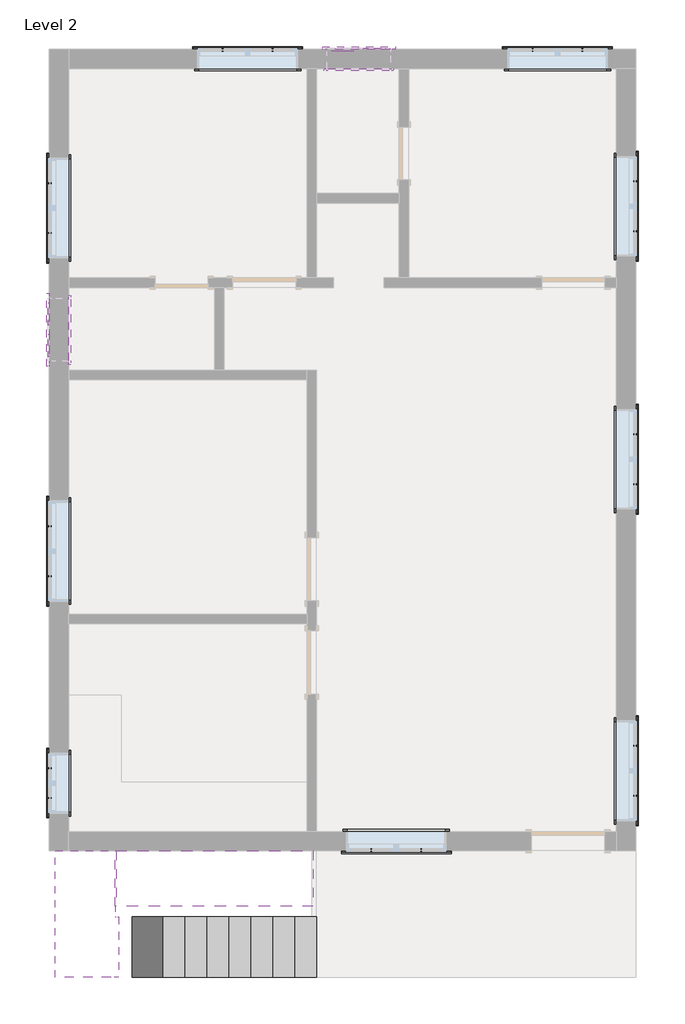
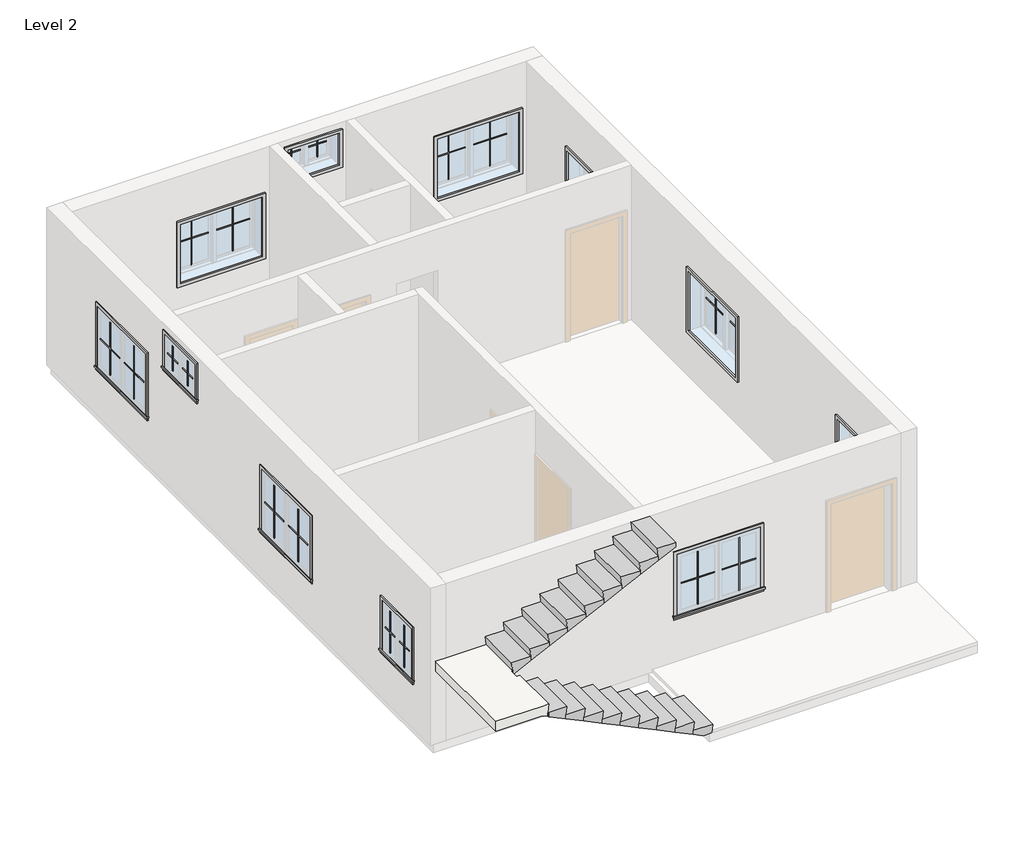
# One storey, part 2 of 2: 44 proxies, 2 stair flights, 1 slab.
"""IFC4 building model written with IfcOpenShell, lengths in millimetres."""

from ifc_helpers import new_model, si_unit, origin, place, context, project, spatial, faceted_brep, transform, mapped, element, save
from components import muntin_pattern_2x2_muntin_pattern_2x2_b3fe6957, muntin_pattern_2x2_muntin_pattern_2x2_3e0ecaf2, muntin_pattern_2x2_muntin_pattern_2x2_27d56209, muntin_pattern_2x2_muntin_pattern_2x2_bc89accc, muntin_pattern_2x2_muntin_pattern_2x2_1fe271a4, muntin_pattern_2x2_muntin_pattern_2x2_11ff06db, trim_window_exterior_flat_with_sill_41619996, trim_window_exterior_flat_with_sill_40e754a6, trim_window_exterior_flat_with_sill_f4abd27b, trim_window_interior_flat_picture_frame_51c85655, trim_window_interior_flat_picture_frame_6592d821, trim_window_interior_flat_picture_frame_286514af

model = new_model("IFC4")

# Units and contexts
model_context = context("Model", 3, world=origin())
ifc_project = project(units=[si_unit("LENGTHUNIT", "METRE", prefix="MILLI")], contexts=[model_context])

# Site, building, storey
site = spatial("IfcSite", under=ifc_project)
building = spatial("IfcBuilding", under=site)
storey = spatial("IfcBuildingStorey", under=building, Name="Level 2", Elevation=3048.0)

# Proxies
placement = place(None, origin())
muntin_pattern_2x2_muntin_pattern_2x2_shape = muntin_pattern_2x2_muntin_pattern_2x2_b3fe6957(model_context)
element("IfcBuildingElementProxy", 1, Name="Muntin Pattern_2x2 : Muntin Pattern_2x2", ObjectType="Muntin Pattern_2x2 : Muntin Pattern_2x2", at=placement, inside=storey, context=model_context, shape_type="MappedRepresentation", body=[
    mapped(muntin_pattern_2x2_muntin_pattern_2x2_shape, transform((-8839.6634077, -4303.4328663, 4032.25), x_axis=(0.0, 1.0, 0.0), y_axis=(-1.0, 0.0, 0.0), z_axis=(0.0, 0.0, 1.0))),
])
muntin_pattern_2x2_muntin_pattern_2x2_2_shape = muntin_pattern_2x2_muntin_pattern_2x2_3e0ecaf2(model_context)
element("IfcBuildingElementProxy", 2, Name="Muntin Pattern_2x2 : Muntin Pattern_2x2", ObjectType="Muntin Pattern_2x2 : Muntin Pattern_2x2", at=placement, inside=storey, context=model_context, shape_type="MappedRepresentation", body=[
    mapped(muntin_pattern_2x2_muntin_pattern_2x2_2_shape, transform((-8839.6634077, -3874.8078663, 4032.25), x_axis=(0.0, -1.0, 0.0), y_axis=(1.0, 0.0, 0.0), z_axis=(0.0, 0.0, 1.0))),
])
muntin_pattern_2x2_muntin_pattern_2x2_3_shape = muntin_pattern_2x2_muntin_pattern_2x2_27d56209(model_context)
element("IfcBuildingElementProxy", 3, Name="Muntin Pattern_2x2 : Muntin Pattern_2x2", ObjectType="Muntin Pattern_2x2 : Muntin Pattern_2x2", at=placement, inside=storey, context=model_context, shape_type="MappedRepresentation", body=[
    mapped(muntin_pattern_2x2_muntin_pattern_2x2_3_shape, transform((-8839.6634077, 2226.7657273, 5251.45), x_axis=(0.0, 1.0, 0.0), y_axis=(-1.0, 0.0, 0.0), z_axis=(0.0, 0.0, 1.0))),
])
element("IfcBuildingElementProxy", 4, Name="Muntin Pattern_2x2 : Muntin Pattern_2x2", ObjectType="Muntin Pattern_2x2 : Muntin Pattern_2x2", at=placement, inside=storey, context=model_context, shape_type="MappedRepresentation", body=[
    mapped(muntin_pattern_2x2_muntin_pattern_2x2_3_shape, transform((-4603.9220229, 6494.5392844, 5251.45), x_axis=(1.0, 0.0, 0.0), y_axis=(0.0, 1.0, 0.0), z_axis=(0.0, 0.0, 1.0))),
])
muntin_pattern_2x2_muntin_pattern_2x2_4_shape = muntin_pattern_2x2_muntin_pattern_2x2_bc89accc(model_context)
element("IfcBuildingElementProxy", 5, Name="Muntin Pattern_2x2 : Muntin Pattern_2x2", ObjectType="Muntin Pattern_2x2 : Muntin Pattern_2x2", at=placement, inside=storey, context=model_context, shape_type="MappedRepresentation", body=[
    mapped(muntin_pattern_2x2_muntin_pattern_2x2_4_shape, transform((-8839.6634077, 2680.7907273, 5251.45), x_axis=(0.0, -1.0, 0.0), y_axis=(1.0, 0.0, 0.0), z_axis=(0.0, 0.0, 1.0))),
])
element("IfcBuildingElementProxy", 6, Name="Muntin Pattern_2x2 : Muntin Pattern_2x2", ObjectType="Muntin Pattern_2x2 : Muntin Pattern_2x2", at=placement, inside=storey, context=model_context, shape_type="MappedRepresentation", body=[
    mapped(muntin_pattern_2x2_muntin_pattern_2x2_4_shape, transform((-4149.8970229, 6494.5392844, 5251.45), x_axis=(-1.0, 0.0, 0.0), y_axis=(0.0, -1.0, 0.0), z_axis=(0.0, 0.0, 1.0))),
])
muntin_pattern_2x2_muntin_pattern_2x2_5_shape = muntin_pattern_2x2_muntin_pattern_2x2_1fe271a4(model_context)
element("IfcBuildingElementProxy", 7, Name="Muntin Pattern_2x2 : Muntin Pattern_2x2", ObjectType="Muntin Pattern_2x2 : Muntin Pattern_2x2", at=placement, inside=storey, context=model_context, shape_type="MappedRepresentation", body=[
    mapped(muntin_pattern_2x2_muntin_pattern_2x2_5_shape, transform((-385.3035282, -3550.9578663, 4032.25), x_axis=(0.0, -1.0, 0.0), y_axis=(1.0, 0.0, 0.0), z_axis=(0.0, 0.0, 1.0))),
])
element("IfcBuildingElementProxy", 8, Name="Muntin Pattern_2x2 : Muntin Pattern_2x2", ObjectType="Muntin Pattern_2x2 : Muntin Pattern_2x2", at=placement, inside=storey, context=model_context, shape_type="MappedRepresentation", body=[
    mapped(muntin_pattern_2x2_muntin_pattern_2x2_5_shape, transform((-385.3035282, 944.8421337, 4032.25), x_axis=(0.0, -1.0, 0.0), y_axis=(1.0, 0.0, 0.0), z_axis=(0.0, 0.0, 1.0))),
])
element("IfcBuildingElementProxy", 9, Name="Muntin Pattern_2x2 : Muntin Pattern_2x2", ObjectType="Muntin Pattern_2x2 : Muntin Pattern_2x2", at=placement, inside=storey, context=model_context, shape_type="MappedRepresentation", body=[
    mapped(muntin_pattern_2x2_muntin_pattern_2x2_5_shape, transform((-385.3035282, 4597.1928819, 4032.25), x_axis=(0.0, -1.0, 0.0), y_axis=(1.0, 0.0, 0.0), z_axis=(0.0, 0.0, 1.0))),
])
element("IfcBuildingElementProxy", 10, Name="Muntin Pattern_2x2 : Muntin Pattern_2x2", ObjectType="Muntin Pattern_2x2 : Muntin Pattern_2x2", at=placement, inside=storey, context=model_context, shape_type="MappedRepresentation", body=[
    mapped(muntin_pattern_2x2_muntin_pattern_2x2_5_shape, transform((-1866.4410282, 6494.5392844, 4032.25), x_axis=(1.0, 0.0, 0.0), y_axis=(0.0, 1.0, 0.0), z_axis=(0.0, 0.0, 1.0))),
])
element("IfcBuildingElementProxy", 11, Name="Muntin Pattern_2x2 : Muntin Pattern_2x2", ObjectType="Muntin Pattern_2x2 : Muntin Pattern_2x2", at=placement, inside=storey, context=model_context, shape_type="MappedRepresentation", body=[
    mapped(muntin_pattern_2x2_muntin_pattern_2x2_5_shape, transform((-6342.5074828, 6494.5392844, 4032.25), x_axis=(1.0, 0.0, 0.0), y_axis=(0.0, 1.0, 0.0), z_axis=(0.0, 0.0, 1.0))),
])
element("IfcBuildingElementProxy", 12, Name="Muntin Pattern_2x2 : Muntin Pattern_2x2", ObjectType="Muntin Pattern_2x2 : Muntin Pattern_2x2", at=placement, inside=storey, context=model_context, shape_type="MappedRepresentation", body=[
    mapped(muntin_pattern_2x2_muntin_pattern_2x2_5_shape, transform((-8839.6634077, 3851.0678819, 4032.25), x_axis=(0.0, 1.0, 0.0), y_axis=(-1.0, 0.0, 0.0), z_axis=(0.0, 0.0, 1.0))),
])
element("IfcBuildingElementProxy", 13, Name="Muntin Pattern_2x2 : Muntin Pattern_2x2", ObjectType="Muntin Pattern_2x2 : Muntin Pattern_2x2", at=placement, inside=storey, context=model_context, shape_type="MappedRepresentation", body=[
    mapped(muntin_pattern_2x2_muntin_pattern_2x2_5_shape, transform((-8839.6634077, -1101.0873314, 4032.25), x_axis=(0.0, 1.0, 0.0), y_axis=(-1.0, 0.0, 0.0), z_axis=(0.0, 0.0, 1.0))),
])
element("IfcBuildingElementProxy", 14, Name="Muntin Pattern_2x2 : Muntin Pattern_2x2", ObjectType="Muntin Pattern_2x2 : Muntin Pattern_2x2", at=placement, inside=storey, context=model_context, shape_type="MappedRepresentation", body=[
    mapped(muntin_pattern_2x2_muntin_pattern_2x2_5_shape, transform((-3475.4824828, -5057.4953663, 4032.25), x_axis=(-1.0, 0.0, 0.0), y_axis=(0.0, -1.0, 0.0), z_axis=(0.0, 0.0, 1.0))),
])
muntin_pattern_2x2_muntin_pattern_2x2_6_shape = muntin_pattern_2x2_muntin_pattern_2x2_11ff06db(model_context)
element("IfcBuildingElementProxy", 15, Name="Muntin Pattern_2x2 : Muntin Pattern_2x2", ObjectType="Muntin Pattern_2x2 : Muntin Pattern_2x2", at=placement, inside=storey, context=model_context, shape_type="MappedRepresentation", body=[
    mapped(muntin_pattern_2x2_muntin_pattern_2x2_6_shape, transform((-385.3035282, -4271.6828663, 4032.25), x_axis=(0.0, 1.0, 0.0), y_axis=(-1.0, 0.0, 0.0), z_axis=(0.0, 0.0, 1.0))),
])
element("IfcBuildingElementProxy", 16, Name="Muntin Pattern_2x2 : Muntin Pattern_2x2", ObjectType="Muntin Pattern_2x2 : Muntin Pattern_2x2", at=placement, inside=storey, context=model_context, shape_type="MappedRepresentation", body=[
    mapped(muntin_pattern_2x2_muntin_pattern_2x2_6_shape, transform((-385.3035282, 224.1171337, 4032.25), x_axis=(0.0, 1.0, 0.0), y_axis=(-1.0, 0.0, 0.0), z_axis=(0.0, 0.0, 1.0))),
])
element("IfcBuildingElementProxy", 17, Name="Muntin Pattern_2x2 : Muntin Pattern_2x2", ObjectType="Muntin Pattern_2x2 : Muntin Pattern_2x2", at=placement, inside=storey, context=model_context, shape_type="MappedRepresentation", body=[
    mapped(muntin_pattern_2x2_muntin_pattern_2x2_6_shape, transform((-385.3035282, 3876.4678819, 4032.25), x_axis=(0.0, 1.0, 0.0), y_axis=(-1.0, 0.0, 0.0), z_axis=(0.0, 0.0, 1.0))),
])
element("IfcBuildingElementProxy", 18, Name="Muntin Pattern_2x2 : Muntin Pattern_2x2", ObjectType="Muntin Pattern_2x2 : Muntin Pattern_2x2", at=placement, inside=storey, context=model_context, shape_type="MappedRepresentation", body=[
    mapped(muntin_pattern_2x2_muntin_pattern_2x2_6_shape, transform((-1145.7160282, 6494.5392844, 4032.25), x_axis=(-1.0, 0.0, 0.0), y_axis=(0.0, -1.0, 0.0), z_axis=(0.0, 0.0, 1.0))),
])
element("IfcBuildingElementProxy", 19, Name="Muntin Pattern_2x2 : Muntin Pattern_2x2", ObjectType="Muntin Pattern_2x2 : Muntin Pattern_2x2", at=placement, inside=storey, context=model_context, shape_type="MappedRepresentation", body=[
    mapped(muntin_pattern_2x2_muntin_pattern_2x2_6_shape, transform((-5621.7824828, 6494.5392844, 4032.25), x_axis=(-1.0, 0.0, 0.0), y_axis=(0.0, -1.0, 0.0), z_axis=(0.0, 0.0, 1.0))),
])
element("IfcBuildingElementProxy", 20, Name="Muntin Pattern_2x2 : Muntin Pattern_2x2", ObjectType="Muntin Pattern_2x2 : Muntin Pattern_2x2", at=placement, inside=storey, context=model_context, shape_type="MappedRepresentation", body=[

**********

Exercise details:
Leave out the pictures and repeat exactly the lines from the start of the material through the line that contains "from ifc_helpers import", both included.

Response area:
# One storey, part 2 of 2: 44 proxies, 2 stair flights, 1 slab.
"""IFC4 building model written with IfcOpenShell, lengths in millimetres."""

from ifc_helpers import new_model, si_unit, origin, place, context, project, spatial, faceted_brep, transform, mapped, element, save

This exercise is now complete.